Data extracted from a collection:
....

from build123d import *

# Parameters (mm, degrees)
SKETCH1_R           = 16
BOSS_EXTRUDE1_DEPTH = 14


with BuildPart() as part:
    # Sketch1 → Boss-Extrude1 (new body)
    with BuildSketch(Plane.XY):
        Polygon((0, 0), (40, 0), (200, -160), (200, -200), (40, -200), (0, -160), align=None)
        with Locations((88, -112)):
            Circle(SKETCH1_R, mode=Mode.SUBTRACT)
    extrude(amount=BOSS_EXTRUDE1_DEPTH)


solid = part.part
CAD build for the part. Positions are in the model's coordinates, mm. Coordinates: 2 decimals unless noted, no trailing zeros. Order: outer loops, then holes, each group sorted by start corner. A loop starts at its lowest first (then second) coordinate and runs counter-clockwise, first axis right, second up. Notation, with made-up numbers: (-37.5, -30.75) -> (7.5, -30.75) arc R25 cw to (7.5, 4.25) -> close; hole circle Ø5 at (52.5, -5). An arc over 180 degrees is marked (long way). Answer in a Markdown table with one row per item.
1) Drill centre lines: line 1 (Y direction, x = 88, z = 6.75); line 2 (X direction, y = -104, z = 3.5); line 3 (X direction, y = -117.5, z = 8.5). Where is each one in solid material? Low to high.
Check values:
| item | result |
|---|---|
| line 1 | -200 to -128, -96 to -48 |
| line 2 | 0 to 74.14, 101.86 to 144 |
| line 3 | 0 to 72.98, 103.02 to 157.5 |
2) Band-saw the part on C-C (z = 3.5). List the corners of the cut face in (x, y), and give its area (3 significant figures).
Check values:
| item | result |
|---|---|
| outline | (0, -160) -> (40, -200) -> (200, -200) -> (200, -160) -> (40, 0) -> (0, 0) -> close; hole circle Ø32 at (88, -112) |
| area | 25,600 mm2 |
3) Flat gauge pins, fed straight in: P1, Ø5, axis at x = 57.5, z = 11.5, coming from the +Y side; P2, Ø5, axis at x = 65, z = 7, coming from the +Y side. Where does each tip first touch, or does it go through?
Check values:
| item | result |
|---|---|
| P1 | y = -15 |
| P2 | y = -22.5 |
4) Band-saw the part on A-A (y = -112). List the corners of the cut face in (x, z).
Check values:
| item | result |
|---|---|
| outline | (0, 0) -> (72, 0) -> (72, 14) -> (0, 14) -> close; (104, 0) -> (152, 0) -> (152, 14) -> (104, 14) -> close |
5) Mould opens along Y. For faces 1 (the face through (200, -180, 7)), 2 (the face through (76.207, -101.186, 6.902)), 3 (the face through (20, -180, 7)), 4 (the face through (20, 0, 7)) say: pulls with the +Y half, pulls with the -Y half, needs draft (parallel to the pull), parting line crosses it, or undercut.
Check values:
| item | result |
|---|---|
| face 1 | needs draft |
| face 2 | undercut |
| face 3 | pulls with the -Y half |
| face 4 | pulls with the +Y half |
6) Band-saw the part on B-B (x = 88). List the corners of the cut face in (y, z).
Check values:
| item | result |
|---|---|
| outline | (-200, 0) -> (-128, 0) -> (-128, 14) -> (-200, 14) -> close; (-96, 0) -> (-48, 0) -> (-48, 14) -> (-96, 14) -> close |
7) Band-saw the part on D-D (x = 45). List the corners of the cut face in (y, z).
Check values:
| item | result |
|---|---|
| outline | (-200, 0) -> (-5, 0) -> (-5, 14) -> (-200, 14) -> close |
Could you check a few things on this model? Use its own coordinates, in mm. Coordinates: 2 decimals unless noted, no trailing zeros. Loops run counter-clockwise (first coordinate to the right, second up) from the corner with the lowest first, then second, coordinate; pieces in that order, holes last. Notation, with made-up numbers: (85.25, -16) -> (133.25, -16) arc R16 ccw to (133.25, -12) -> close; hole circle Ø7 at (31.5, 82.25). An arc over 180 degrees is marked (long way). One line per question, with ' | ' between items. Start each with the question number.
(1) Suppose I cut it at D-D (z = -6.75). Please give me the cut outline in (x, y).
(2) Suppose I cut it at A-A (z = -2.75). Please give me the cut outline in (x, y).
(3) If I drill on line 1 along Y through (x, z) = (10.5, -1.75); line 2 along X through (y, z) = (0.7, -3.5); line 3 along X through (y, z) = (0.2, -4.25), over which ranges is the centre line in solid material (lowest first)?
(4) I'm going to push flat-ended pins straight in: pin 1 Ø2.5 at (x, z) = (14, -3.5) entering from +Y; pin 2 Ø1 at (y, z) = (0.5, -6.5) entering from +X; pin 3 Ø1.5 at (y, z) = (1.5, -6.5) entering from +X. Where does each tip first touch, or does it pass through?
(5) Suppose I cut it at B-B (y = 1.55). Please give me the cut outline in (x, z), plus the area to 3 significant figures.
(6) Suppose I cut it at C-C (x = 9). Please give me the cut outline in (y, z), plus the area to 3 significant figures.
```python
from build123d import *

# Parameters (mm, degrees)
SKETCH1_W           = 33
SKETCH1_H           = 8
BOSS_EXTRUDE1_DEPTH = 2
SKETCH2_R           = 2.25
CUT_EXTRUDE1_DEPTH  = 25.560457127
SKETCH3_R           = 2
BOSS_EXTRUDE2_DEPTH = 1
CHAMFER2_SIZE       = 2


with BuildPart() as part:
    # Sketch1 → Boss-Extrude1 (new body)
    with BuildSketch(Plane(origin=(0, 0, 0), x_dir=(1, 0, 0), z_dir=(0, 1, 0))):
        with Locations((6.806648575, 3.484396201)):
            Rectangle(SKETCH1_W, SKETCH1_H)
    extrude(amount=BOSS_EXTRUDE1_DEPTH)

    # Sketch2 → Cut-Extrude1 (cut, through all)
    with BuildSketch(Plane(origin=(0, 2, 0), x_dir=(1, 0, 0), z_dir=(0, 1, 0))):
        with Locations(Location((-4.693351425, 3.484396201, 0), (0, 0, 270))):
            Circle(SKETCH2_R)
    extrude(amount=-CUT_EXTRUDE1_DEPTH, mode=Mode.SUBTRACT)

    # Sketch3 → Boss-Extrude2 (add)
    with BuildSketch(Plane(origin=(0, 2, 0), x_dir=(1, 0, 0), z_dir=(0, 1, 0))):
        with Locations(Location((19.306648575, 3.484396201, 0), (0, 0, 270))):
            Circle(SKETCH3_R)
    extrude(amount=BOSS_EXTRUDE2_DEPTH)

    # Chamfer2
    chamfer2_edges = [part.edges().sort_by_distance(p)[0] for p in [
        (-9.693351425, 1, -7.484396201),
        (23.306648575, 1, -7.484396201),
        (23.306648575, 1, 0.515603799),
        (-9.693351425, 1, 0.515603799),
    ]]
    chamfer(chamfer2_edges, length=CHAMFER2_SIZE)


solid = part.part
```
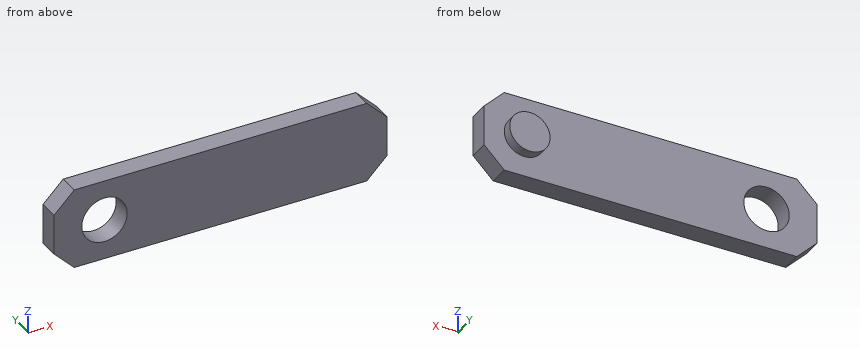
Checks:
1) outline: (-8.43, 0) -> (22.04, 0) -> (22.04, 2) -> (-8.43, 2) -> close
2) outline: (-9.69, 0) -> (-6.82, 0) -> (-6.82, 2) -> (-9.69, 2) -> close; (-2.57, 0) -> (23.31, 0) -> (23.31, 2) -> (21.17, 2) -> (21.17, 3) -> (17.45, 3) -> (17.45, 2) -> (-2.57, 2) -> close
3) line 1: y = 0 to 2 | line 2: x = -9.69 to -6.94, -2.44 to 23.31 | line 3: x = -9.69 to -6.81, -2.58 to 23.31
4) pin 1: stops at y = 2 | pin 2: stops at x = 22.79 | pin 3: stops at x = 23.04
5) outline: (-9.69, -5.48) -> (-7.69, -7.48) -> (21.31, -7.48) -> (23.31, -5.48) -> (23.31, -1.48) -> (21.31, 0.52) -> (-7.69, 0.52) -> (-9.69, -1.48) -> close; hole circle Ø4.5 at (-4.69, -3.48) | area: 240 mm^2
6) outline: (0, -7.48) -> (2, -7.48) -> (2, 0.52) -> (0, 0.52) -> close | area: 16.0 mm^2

....

Work required: What is needed is each line of the entries that contains the word "plus".

Written solution:
(5) Suppose I cut it at B-B (y = 1.55). Please give me the cut outline in (x, z), plus the area to 3 significant figures.
(6) Suppose I cut it at C-C (x = 9). Please give me the cut outline in (y, z), plus the area to 3 significant figures.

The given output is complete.